◆ Required action:
A complete answer includes every line below with the word "along".

◆ Extracted entries:
*** Begin section ***

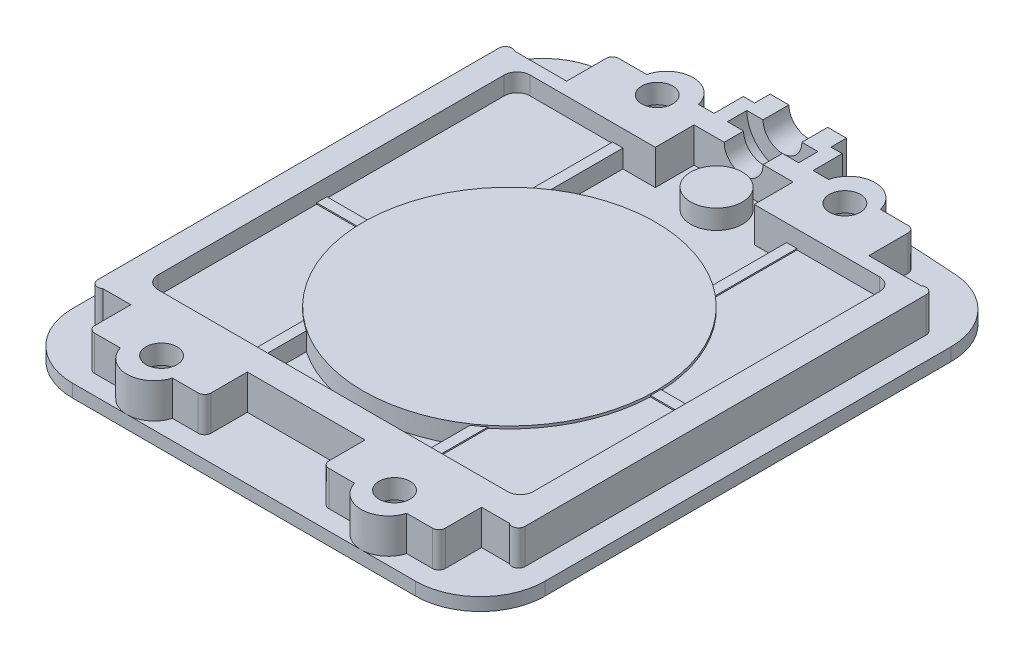
SolidWorks part; units mm, degrees
material "ABS"
ref_plane "Front Plane" through (0, 0, 0) normal (0, 0, 1) x (1, 0, 0)
ref_plane "Top Plane" through (0, 0, 0) normal (0, 1, 0) x (1, 0, 0)
ref_plane "Right Plane" through (0, 0, 0) normal (1, 0, 0) x (0, 0, -1)
sketch "Sketch 1" plane through (0, 0, 0) normal (0, 1, 0) x (1, 0, 0)
  line L0 (-18.25, 20.5) -> (18.25, -20.5) construction
  line L1 (-13.25, -20.5) -> (13.25, -20.5)
  line L2 (-18.25, -15.5) -> (-18.25, 15.8907)
  line L3 (-18.25, -20.5) -> (18.25, 20.5) construction
  line L4 (18.25, -15.5) -> (18.25, 15.8907)
  line L5 (0, 21.35) -> (0, -20.5) construction
  arc A0 (-13.5962, 20.8787) -> (13.5962, 20.8787) centre (0, -174.9941) cw
  arc A1 (18.25, 15.8907) -> (13.5962, 20.8787) centre (13.25, 15.8907) ccw
  arc A2 (-18.25, 15.8907) -> (-13.5962, 20.8787) centre (-13.25, 15.8907) cw
  arc A3 (13.25, -20.5) -> (18.25, -15.5) centre (13.25, -15.5) ccw
  arc A4 (-13.25, -20.5) -> (-18.25, -15.5) centre (-13.25, -15.5) cw
  point P0 (0, 0)
  point P1 (0, 0)
  dimension "D2" = 41
  dimension "D3" = 41.85
  dimension "D4" = 5
  dimension "D1" = 36.5
extrude "Boss-Extrude1" add sketch "Sketch 1" along normal blind 1
sketch "Sketch 2" plane through (0, 1, 0) normal (0, 1, 0) x (1, 0, 0)
  line L0 (0, 29.4306) -> (0, -25.9925) construction
  line L1 (-13.25, -20.5) -> (13.25, -20.5) construction
  line L2 (-13.55, -15.7022) -> (-15.7058, -15.7022)
  line L3 (-16.5058, -15.3022) -> (-16.5058, 15.6978)
  line L4 (-15.7058, 16.0978) -> (-11.675, 16.0978)
  line L5 (16.5058, -15.3022) -> (16.5058, 15.6978)
  line L6 (-16.5058, -15.3022) -> (16.7442, 16.0978) construction
  line L7 (-16.5058, 16.0451) -> (16.7442, -15.7022) construction
  line L8 (-3.825, 21.8978) -> (-3.825, 19.6378)
  line L9 (-4.55, -15.7022) -> (-4.55, -18.5)
  line L10 (-5.05, -19) -> (-7.0375, -19)
  line L11 (-13.55, -18.5) -> (-13.55, -15.7022)
  line L12 (-11.0625, -19) -> (-13.05, -19)
  line L13 (11.0625, -19) -> (13.05, -19)
  line L14 (13.55, -18.5) -> (13.55, -15.7022)
  line L15 (5.05, -19) -> (7.0375, -19)
  line L16 (4.55, -15.7022) -> (4.55, -18.5)
  line L17 (-4.55, -15.7022) -> (4.55, -15.7022)
  line L18 (13.55, -15.7022) -> (15.7058, -15.7022)
  line L19 (-16.625, 0.1978) -> (16.7442, 0.1978) construction
  line L20 (-9.025, 19.6378) -> (-11.175, 19.6378)
  line L21 (-11.675, 19.1378) -> (-11.675, 16.0978)
  line L22 (-3.825, 19.6378) -> (-5.025, 19.6378)
  line L23 (-14.5, -12.65) -> (-14.5, 14.0978)
  line L24 (14.5, -12.65) -> (14.5, 14.0978)
  line L25 (3.825, 19.6378) -> (5.025, 19.6378)
  line L26 (11.675, 19.1378) -> (11.675, 16.0978)
  line L27 (9.025, 19.6378) -> (11.175, 19.6378)
  line L28 (3.825, 21.8978) -> (3.825, 19.6378)
  line L29 (-13.5, -13.65) -> (13.5, -13.65)
  line L30 (3.825, 15.0978) -> (13.5, 15.0978)
  line L31 (-13.5, 15.0978) -> (-3.825, 15.0978)
  line L32 (15.7058, 16.0978) -> (11.675, 16.0978)
  line L33 (-14.5, -15.3022) -> (-14.5, 16.0451) construction
  line L34 (-3.825, 18.0978) -> (3.825, 18.0978)
  line L35 (-2.95, 23.0978) -> (2.95, 23.0978)
  line L36 (-3.825, 18.0978) -> (-3.825, 15.0978)
  line L37 (3.825, 18.0978) -> (3.825, 15.0978)
  line L38 (-16.5058, -15.3022) -> (-16.5058, 16.0451) construction
  line L39 (-15.7058, 15.0978) -> (-11.675, 15.0978) construction
  line L40 (-2.95, 23.0978) -> (-2.95, 21.8978)
  line L41 (-2.95, 21.8978) -> (-3.825, 21.8978)
  line L42 (-3.825, 23.0978) -> (3.825, 23.0978) construction
  line L43 (2.95, 21.8978) -> (3.825, 21.8978)
  line L44 (2.95, 23.0978) -> (2.95, 21.8978)
  arc A0 (-11.0625, -19) -> (-7.0375, -19) centre (-9.05, -18.4) ccw
  arc A1 (11.0625, -19) -> (7.0375, -19) centre (9.05, -18.4) cw
  arc A2 (-9.025, 19.6378) -> (-5.025, 19.6378) centre (-7.025, 19.1687) cw
  arc A3 (9.025, 19.6378) -> (5.025, 19.6378) centre (7.025, 19.1687) ccw
  arc A4 (-16.5058, 15.6978) -> (-15.7058, 16.0978) centre (-16.0058, 15.6978) cw
  arc A5 (-16.5058, -15.3022) -> (-15.7058, -15.7022) centre (-16.0058, -15.3022) ccw
  arc A6 (5.05, -19) -> (4.55, -18.5) centre (5.05, -18.5) cw
  arc A7 (16.5058, -15.3022) -> (15.7058, -15.7022) centre (16.0058, -15.3022) cw
  arc A8 (16.5058, 15.6978) -> (15.7058, 16.0978) centre (16.0058, 15.6978) ccw
  arc A9 (-13.5, -13.65) -> (-14.5, -12.65) centre (-13.5, -12.65) cw
  arc A10 (13.5, -13.65) -> (14.5, -12.65) centre (13.5, -12.65) ccw
  arc A11 (14.5, 14.0978) -> (13.5, 15.0978) centre (13.5, 14.0978) ccw
  arc A12 (-13.5, 15.0978) -> (-14.5, 14.0978) centre (-13.5, 14.0978) ccw
  arc A13 (13.05, -19) -> (13.55, -18.5) centre (13.05, -18.5) ccw
  arc A14 (-13.05, -19) -> (-13.55, -18.5) centre (-13.05, -18.5) cw
  arc A15 (11.675, 19.1378) -> (11.175, 19.6378) centre (11.175, 19.1378) ccw
  arc A16 (-11.175, 19.6378) -> (-11.675, 19.1378) centre (-11.175, 19.1378) ccw
  arc A17 (13.5962, 20.8787) -> (-13.5962, 20.8787) centre (0, -174.9941) ccw construction
  arc A18 (-4.55, -18.5) -> (-5.05, -19) centre (-5.05, -18.5) cw
  point P4 (0, 0.2853)
  point P74 (13.55, -19)
  point P77 (-13.55, -19)
  point P80 (11.675, 19.6378)
  point P83 (-11.675, 19.6378)
  point P89 (4.55, -19)
  point P92 (-4.55, -19)
  arc M3 (13.5962, 20.8787) -> (-13.5962, 20.8787) centre (0, -174.9941) ccw
  dimension "D5" = 2.1
  dimension "D8" = 3
  dimension "D11" = 5.9
  dimension "D17" = 0.5
  dimension "D3" = 32
  dimension "D18" = 0.5
  dimension "D19" = 0.5
  dimension "D2" = 1
  dimension "D10" = 8
  dimension "D4" = 9.1
  dimension "D6" = 9
  dimension "D7" = 1.5
  dimension "D9" = 23.35
  dimension "D12" = 31.8
  dimension "D13" = 4
  dimension "D14" = 7.65
  dimension "D15" = 29
  dimension "D16" = 1
  dimension "D20" = 1.2
  dimension "D21" = 1.2
extrude "Boss-Extrude3" add sketch "Sketch 2" along normal blind 2.7 and the other way blind 1 contours L20 A16 L21 L4 A4 L3 A5 L2 L11 A14 L12 A0 L10 L9 L17 L16 L15 A1 L13 A13 L14 L18 A7 L5 A8 L32 L26 A15 L27 A3 L25 L28 L8 L22 A2 A12 L31 L36 L34 L37 L30 A11 L24 A10 L29 A9 M3 | L35 L8 L28 M3
sketch "Sketch 4" plane through (0, 1, 0) normal (0, 1, 0) x (1, 0, 0)
  line L0 (-6.325, 15.0978) -> (-6.325, -13.65)
  line L1 (-13.5, 15.0978) -> (-3.825, 15.0978) construction
  line L2 (-13.5, -13.65) -> (13.5, -13.65) construction
  line L3 (-14.5, -12.65) -> (-14.5, 14.0978) construction
  line L4 (-13.5, -13.65) -> (13.5, -13.65) construction
  line L5 (-13.5, 15.0978) -> (-6.325, 15.0978)
  line L6 (-14.5, -12.65) -> (-14.5, 14.0978)
  line L7 (-13.5, -13.65) -> (-6.325, -13.65)
  line L8 (0, 26.1356) -> (0, -24.1425) construction
  line L9 (13.5, -13.65) -> (6.325, -13.65)
  line L10 (14.5, -12.65) -> (14.5, 14.0978)
  line L11 (13.5, 15.0978) -> (6.325, 15.0978)
  line L12 (6.325, 15.0978) -> (6.325, -13.65)
  arc A0 (-13.5, 15.0978) -> (-14.5, 14.0978) centre (-13.5, 14.0978) ccw construction
  arc A1 (-14.5, -12.65) -> (-13.5, -13.65) centre (-13.5, -12.65) ccw construction
  arc A2 (-13.5, 15.0978) -> (-14.5, 14.0978) centre (-13.5, 14.0978) ccw
  arc A3 (-14.5, -12.65) -> (-13.5, -13.65) centre (-13.5, -12.65) ccw
  arc A4 (14.5, -12.65) -> (13.5, -13.65) centre (13.5, -12.65) cw
  arc A5 (13.5, 15.0978) -> (14.5, 14.0978) centre (13.5, 14.0978) cw
  dimension "D1" = 2.5
extrude "Boss-Extrude4" add sketch "Sketch 4" along normal blind 1.3
sketch "Sketch 5" plane through (0, 2.3, 0) normal (0, 1, 0) x (1, 0, 0)
  line L0 (-6.325, 15.0978) -> (-6.325, -13.65)
  line L1 (-6.325, 15.0978) -> (-7.125, 15.0978)
  line L2 (-6.325, -13.65) -> (-7.125, -13.65)
  line L3 (-7.125, 15.0978) -> (-7.125, 0.4)
  line L4 (0, 18.0978) -> (0, -13.65) construction
  line L5 (-7.125, 0.4) -> (-14.5, 0.4)
  line L6 (-7.125, -0.4) -> (-14.5, -0.4)
  line L7 (-14.5, 0.4) -> (-14.5, -0.4)
  line L8 (-14.5, 14.0978) -> (-14.5, -12.65) construction
  line L9 (-7.125, -0.4) -> (-7.125, -13.65)
  line L10 (-3.825, 18.0978) -> (3.825, 18.0978) construction
  line L11 (-6.325, -13.65) -> (6.325, -13.65) construction
  line L12 (7.125, -0.4) -> (7.125, -13.65)
  line L13 (14.5, 0.4) -> (14.5, -0.4)
  line L14 (7.125, -0.4) -> (14.5, -0.4)
  line L15 (7.125, 0.4) -> (14.5, 0.4)
  line L16 (7.125, 15.0978) -> (7.125, 0.4)
  line L17 (6.325, -13.65) -> (7.125, -13.65)
  line L18 (6.325, 15.0978) -> (7.125, 15.0978)
  line L19 (6.325, 15.0978) -> (6.325, -13.65)
  point P6 (-14.5, 0)
  dimension "D1" = 0.8
  dimension "D2" = 0.8
extrude "Boss-Extrude5" add sketch "Sketch 5" along normal blind 0.1
sketch "Sketch 6" plane through (0, 1, 0) normal (0, 1, 0) x (1, 0, 0)
  circle A0 centre (0, 0) radius 11.3
  dimension "D1" = 22.6
extrude "Boss-Extrude6" add sketch "Sketch 6" along normal blind 1.5
sketch "Sketch 7" plane through (0, 0, 0) normal (1, 0, 0) x (0, 0, -1)
  line L0 (14.7388, 3.7) -> (24.4184, 3.7) construction
  line L1 (21.8978, 3.7) -> (19.6378, 3.7) construction
  line L2 (23.0978, 3.7) -> (23.0978, 2.2)
  line L3 (23.0978, 3.7) -> (18.0978, 3.7)
  line L4 (23.0978, 2.2) -> (21.0978, 2.2)
  line L5 (18.0978, 3.7) -> (18.0978, 2.2)
  line L6 (23.0978, 0) -> (23.0978, 3.7) construction
  line L7 (21.0978, 2.2) -> (21.0978, 0.95)
  line L9 (21.0978, 0.95) -> (19.5978, 0.95)
  line L10 (19.5978, 2.2) -> (19.5978, 0.95)
  line L11 (19.5978, 2.2) -> (18.0978, 2.2)
  dimension "D1" = 5
  dimension "D2" = 3
  dimension "D3" = 2
  dimension "D4" = 1.5
  dimension "D5" = 5.5
revolve "Cut-Revolve1" cut sketch "Sketch 7" angle 360 about L0
sketch "Sketch 8" plane through (0, 3.7, 0) normal (0, 1, 0) x (1, 0, 0)
  line L0 (0, 0) -> (0, 31.2249) construction
  circle A0 centre (-7.25, 18.673) radius 1.2
  circle A1 centre (9.05, -17.927) radius 1.2
  circle A2 centre (-8.9537, -17.927) radius 1.2
  circle A3 centre (9.05, -17.927) radius 1.2
  circle A4 centre (7.25, 18.673) radius 1.2
  arc A16 (-5.025, 19.6378) -> (-9.025, 19.6378) centre (-7.025, 19.1687) ccw construction
  point P33 (-7.025, 21.223)
  dimension "D1" = 1.2
  dimension "D2" = 14.5
  dimension "D3" = 36.6
  dimension "D4" = 1.35
extrude "Cut-Extrude1" cut sketch "Sketch 8" against normal up to surface (3.7 mm away) contours A1 | A2 | A0 | A4 up to face at (0, 0, -11.1147)
sketch "Sketch 9" plane through (0, 0, 0) normal (0, -1, 0) x (1, 0, 0)
  circle A0 centre (-8.9537, 17.927) radius 1.85
  circle A1 centre (9.05, 17.927) radius 1.85
  circle A2 centre (-7.25, -18.673) radius 1.85
  circle A3 centre (7.25, -18.673) radius 1.85
  circle A4 centre (0, 0) radius 9.175
  dimension "D1" = 1.85
  dimension "D2" = 9.175
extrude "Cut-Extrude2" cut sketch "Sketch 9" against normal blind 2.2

*** End section ***

◆ Response area:
extrude "Boss-Extrude1" add sketch "Sketch 1" along normal blind 1
extrude "Boss-Extrude3" add sketch "Sketch 2" along normal blind 2.7 and the other way blind 1 contours L20 A16 L21 L4 A4 L3 A5 L2 L11 A14 L12 A0 L10 L9 L17 L16 L15 A1 L13 A13 L14 L18 A7 L5 A8 L32 L26 A15 L27 A3 L25 L28 L8 L22 A2 A12 L31 L36 L34 L37 L30 A11 L24 A10 L29 A9 M3 | L35 L8 L28 M3
extrude "Boss-Extrude4" add sketch "Sketch 4" along normal blind 1.3
extrude "Boss-Extrude5" add sketch "Sketch 5" along normal blind 0.1
extrude "Boss-Extrude6" add sketch "Sketch 6" along normal blind 1.5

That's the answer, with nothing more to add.